» Given data
[Start of Attachment]

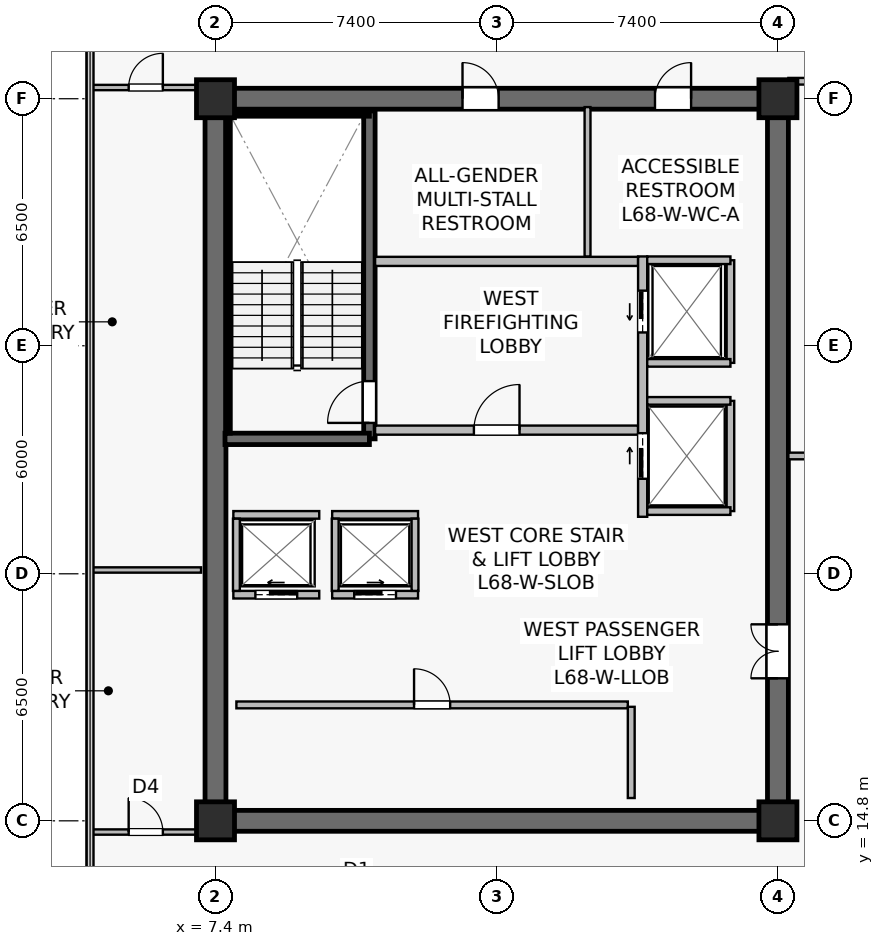
"""IFC4 building model, lengths in metres.
Left out: names, types, materials, properties, quantities, classifications, styles, units other than length and angle.
Written with IfcOpenShell. Run it as: python <this file> out.ifc"""

import sys

from ifc_helpers import new_model, si_unit, direction, frame, frame_2d, origin, origin_2d, place, context, subcontext, project, spatial, rectangle, extrude, source, transform, mapped, element, fill, save


model = new_model("IFC4")
c1 = context("Model", 3, precision=1e-05, world=origin(), true_north=direction((0.0, 1.0)))
c2 = subcontext(c1, "Body", "Model", "MODEL_VIEW")
j1 = project(units=[si_unit("LENGTHUNIT", "METRE"), si_unit("PLANEANGLEUNIT", "RADIAN")], contexts=[c1])
p1 = place(None, origin())
s1 = spatial("IfcSite", under=j1, at=p1, CompositionType="ELEMENT")
p2 = place(p1, origin())
s2 = spatial("IfcBuilding", under=s1, at=p2, CompositionType="ELEMENT")
p3 = place(p2, frame((0.0, 0.0, 283.4)))
s3 = spatial("IfcBuildingStorey", under=s2, at=p3, CompositionType="ELEMENT", Elevation=283.4)
p4 = place(p3, frame((7.125, 14.8, 0.0), z_axis=(0.0, 0.0, 1.0), x_axis=(1.0, 0.0, 0.0)))
e1 = element("IfcWall", 1, at=p4, inside=s3, PredefinedType="SHEAR", context=c2, shape_type="SweptSolid", body=[
    extrude(rectangle(XDim=15.35, YDim=0.55, at=frame_2d((7.675, 0.0))), origin(), (0.0, 0.0, 1.0), 3.8),
])
p5 = place(p3, frame((7.125, 33.8, 0.0), z_axis=(0.0, 0.0, 1.0), x_axis=(1.0, 0.0, 0.0)))
e2 = element("IfcWall", 2, at=p5, inside=s3, PredefinedType="SHEAR", context=c2, shape_type="SweptSolid", body=[
    extrude(rectangle(XDim=15.35, YDim=0.55, at=frame_2d((7.675, 0.0))), origin(), (0.0, 0.0, 1.0), 3.8),
])
p6 = place(p5, frame((6.775, 0.0, 0.0)))
e3 = element("IfcOpeningElement", 3, at=p6, cuts=e2, PredefinedType="OPENING", context=c2, shape_type="SweptSolid", body=[
    extrude(rectangle(XDim=0.95, YDim=2.15, at=frame_2d((0.475, 1.075))), frame((0.0, 0.285, 0.0), z_axis=(0.0, -1.0, 0.0), x_axis=(1.0, 0.0, 0.0)), (0.0, 0.0, 1.0), 0.57),
])
p7 = place(p5, frame((11.84, 0.0, 0.0)))
e4 = element("IfcOpeningElement", 4, at=p7, cuts=e2, PredefinedType="OPENING", context=c2, shape_type="SweptSolid", body=[
    extrude(rectangle(XDim=0.95, YDim=2.15, at=frame_2d((0.475, 1.075))), frame((0.0, 0.285, 0.0), z_axis=(0.0, -1.0, 0.0), x_axis=(1.0, 0.0, 0.0)), (0.0, 0.0, 1.0), 0.57),
])
p8 = place(p3, frame((7.4, 15.075, 0.0), z_axis=(0.0, 0.0, 1.0), x_axis=(0.0, 1.0, 0.0)))
e5 = element("IfcWall", 5, at=p8, inside=s3, PredefinedType="SHEAR", context=c2, shape_type="SweptSolid", body=[
    extrude(rectangle(XDim=18.45, YDim=0.55, at=frame_2d((9.225, 0.0))), origin(), (0.0, 0.0, 1.0), 3.8),
])
p9 = place(p3, frame((22.2, 15.075, 0.0), z_axis=(0.0, 0.0, 1.0), x_axis=(0.0, 1.0, 0.0)))
e6 = element("IfcWall", 6, at=p9, inside=s3, PredefinedType="SHEAR", context=c2, shape_type="SweptSolid", body=[
    extrude(rectangle(XDim=18.45, YDim=0.55, at=frame_2d((9.225, 0.0))), origin(), (0.0, 0.0, 1.0), 3.8),
])
p10 = place(p9, frame((3.475, 0.0, 0.0)))
e7 = element("IfcOpeningElement", 7, at=p10, cuts=e6, PredefinedType="OPENING", context=c2, shape_type="SweptSolid", body=[
    extrude(rectangle(XDim=1.42, YDim=2.2, at=frame_2d((0.71, 1.1))), frame((0.0, 0.285, 0.0), z_axis=(0.0, -1.0, 0.0), x_axis=(1.0, 0.0, 0.0)), (0.0, 0.0, 1.0), 0.57),
])
p11 = place(p3, frame((11.45, 24.85, 0.0), z_axis=(0.0, 0.0, 1.0), x_axis=(0.0, 1.0, 0.0)))
e8 = element("IfcWall", 8, at=p11, inside=s3, PredefinedType="SHEAR", context=c2, shape_type="SweptSolid", body=[
    extrude(rectangle(XDim=8.63, YDim=0.3, at=frame_2d((4.315, 0.0))), origin(), (0.0, 0.0, 1.0), 3.8),
])
p12 = place(p11, frame((0.42, 0.0, 0.0)))
e9 = element("IfcOpeningElement", 9, at=p12, cuts=e8, PredefinedType="OPENING", context=c2, shape_type="SweptSolid", body=[
    extrude(rectangle(XDim=1.1, YDim=2.15, at=frame_2d((0.55, 1.075))), frame((0.0, 0.16, 0.0), z_axis=(0.0, -1.0, 0.0), x_axis=(1.0, 0.0, 0.0)), (0.0, 0.0, 1.0), 0.32),
])
p13 = place(p3, frame((7.65, 24.85, 0.0), z_axis=(0.0, 0.0, 1.0), x_axis=(1.0, 0.0, 0.0)))
e10 = element("IfcWall", 10, at=p13, inside=s3, PredefinedType="SHEAR", context=c2, shape_type="SweptSolid", body=[
    extrude(rectangle(XDim=3.8, YDim=0.3, at=frame_2d((1.9, 0.0))), origin(), (0.0, 0.0, 1.0), 3.8),
])
p14 = place(p3, frame((7.73, 33.4, 0.0), z_axis=(0.0, 0.0, 1.0), x_axis=(1.0, 0.0, 0.0)))
e11 = element("IfcWall", 11, at=p14, inside=s3, PredefinedType="SOLIDWALL", context=c2, shape_type="SweptSolid", body=[
    extrude(rectangle(XDim=3.72, YDim=0.12, at=frame_2d((1.86, 0.0))), origin(), (0.0, 0.0, 1.0), 3.8),
])
p15 = place(p3, frame((7.73, 25.0, 0.0), z_axis=(0.0, 0.0, 1.0), x_axis=(0.0, 1.0, 0.0)))
e12 = element("IfcWall", 12, at=p15, inside=s3, PredefinedType="SOLIDWALL", context=c2, shape_type="SweptSolid", body=[
    extrude(rectangle(XDim=8.32, YDim=0.12, at=frame_2d((4.16, 0.0))), origin(), (0.0, 0.0, 1.0), 3.8),
])
m1 = source(origin(), c2, "Body", "SweptSolid", [
    extrude(rectangle(XDim=1.0, YDim=1.0, at=origin_2d()), origin(), (0.0, 0.0, 1.0), 4.1),
])
for number, where, z_axis, x_axis in (
    (13, (7.4, 14.8, 0.0), (0.0, 0.0, 1.0), (1.0, 0.0, 0.0)),
    (14, (22.2, 14.8, 0.0), (0.0, 0.0, 1.0), (1.0, 0.0, 0.0)),
    (15, (7.4, 33.8, 0.0), (0.0, 0.0, 1.0), (1.0, 0.0, 0.0)),
    (16, (22.2, 33.8, 0.0), (0.0, 0.0, 1.0), (1.0, 0.0, 0.0)),
):
    element("IfcColumn", number, at=place(p3, frame(where, z_axis=z_axis, x_axis=x_axis)), inside=s3, PredefinedType="COLUMN", context=c2, shape_type="MappedRepresentation", body=[
        mapped(m1, transform((0.0, 0.0, 0.0), scale=1.0)),
    ])
p16 = place(p3, frame((11.6, 25.08, 0.0), z_axis=(0.0, 0.0, 1.0), x_axis=(1.0, 0.0, 0.0)))
e17 = element("IfcWall", 17, at=p16, inside=s3, PredefinedType="SOLIDWALL", context=c2, shape_type="SweptSolid", body=[
    extrude(rectangle(XDim=6.92, YDim=0.24, at=frame_2d((3.46, 0.0))), origin(), (0.0, 0.0, 1.0), 3.197),
])
p17 = place(p16, frame((2.6, 0.0, 0.0)))
e18 = element("IfcOpeningElement", 18, at=p17, cuts=e17, PredefinedType="OPENING", context=c2, shape_type="SweptSolid", body=[
    extrude(rectangle(XDim=1.2, YDim=2.16, at=frame_2d((0.6, 1.08))), frame((0.0, 0.13, 0.0), z_axis=(0.0, -1.0, 0.0), x_axis=(1.0, 0.0, 0.0)), (0.0, 0.0, 1.0), 0.26),
])
p18 = place(p3, frame((11.6, 29.52, 0.0), z_axis=(0.0, 0.0, 1.0), x_axis=(1.0, 0.0, 0.0)))
e19 = element("IfcWall", 19, at=p18, inside=s3, PredefinedType="SOLIDWALL", context=c2, shape_type="SweptSolid", body=[
    extrude(rectangle(XDim=6.92, YDim=0.24, at=frame_2d((3.46, 0.0))), origin(), (0.0, 0.0, 1.0), 3.197),
])
p19 = place(p3, frame((18.64, 22.8, 0.0), z_axis=(0.0, 0.0, 1.0), x_axis=(0.0, 1.0, 0.0)))
e20 = element("IfcWall", 20, at=p19, inside=s3, PredefinedType="SOLIDWALL", context=c2, shape_type="SweptSolid", body=[
    extrude(rectangle(XDim=6.85, YDim=0.24, at=frame_2d((3.425, 0.0))), origin(), (0.0, 0.0, 1.0), 2.935),
])
p20 = place(p19, frame((4.85, 0.0, 0.0)))
e21 = element("IfcOpeningElement", 21, at=p20, cuts=e20, PredefinedType="OPENING", context=c2, shape_type="SweptSolid", body=[
    extrude(rectangle(XDim=1.1, YDim=2.22, at=frame_2d((0.55, 1.11))), frame((0.0, 0.13, 0.0), z_axis=(0.0, -1.0, 0.0), x_axis=(1.0, 0.0, 0.0)), (0.0, 0.0, 1.0), 0.26),
])
p21 = place(p19, frame((1.0, 0.0, 0.0)))
e22 = element("IfcOpeningElement", 22, at=p21, cuts=e20, PredefinedType="OPENING", context=c2, shape_type="SweptSolid", body=[
    extrude(rectangle(XDim=1.2, YDim=2.22, at=frame_2d((0.6, 1.11))), frame((0.0, 0.13, 0.0), z_axis=(0.0, -1.0, 0.0), x_axis=(1.0, 0.0, 0.0)), (0.0, 0.0, 1.0), 0.26),
])
p22 = place(p3, frame((7.87, 20.75, 0.0), z_axis=(0.0, 0.0, 1.0), x_axis=(1.0, 0.0, 0.0)))
e23 = element("IfcWall", 23, at=p22, inside=s3, PredefinedType="SOLIDWALL", context=c2, shape_type="SweptSolid", body=[
    extrude(rectangle(XDim=2.26, YDim=0.2, at=frame_2d((1.13, 0.0))), origin(), (0.0, 0.0, 1.0), 3.8),
])
p23 = place(p22, frame((0.58, 0.0, 0.0)))
e24 = element("IfcOpeningElement", 24, at=p23, cuts=e23, PredefinedType="OPENING", context=c2, shape_type="SweptSolid", body=[
    extrude(rectangle(XDim=1.1, YDim=2.22, at=frame_2d((0.55, 1.11))), frame((0.0, 0.11, 0.0), z_axis=(0.0, -1.0, 0.0), x_axis=(1.0, 0.0, 0.0)), (0.0, 0.0, 1.0), 0.22),
])
p24 = place(p3, frame((7.87, 22.85, 0.0), z_axis=(0.0, 0.0, 1.0), x_axis=(1.0, 0.0, 0.0)))
e25 = element("IfcWall", 25, at=p24, inside=s3, PredefinedType="SOLIDWALL", context=c2, shape_type="SweptSolid", body=[
    extrude(rectangle(XDim=2.26, YDim=0.2, at=frame_2d((1.13, 0.0))), origin(), (0.0, 0.0, 1.0), 3.8),
])
p25 = place(p3, frame((7.95, 20.85, 0.0), z_axis=(0.0, 0.0, 1.0), x_axis=(0.0, 1.0, 0.0)))
e26 = element("IfcWall", 26, at=p25, inside=s3, PredefinedType="SOLIDWALL", context=c2, shape_type="SweptSolid", body=[
    extrude(rectangle(XDim=1.9, YDim=0.18, at=frame_2d((0.95, 0.0))), origin(), (0.0, 0.0, 1.0), 3.8),
])
p26 = place(p3, frame((10.47, 20.75, 0.0), z_axis=(0.0, 0.0, 1.0), x_axis=(1.0, 0.0, 0.0)))
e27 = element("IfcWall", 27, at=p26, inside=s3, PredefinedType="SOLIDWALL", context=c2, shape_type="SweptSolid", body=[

[End of Attachment]

» Work instruction
Where a line of the records has the string "SHEAR", copy that line.

» Answer to this exercise
e1 = element("IfcWall", 1, at=p4, inside=s3, PredefinedType="SHEAR", context=c2, shape_type="SweptSolid", body=[
e2 = element("IfcWall", 2, at=p5, inside=s3, PredefinedType="SHEAR", context=c2, shape_type="SweptSolid", body=[
e5 = element("IfcWall", 5, at=p8, inside=s3, PredefinedType="SHEAR", context=c2, shape_type="SweptSolid", body=[
e6 = element("IfcWall", 6, at=p9, inside=s3, PredefinedType="SHEAR", context=c2, shape_type="SweptSolid", body=[
e8 = element("IfcWall", 8, at=p11, inside=s3, PredefinedType="SHEAR", context=c2, shape_type="SweptSolid", body=[
e10 = element("IfcWall", 10, at=p13, inside=s3, PredefinedType="SHEAR", context=c2, shape_type="SweptSolid", body=[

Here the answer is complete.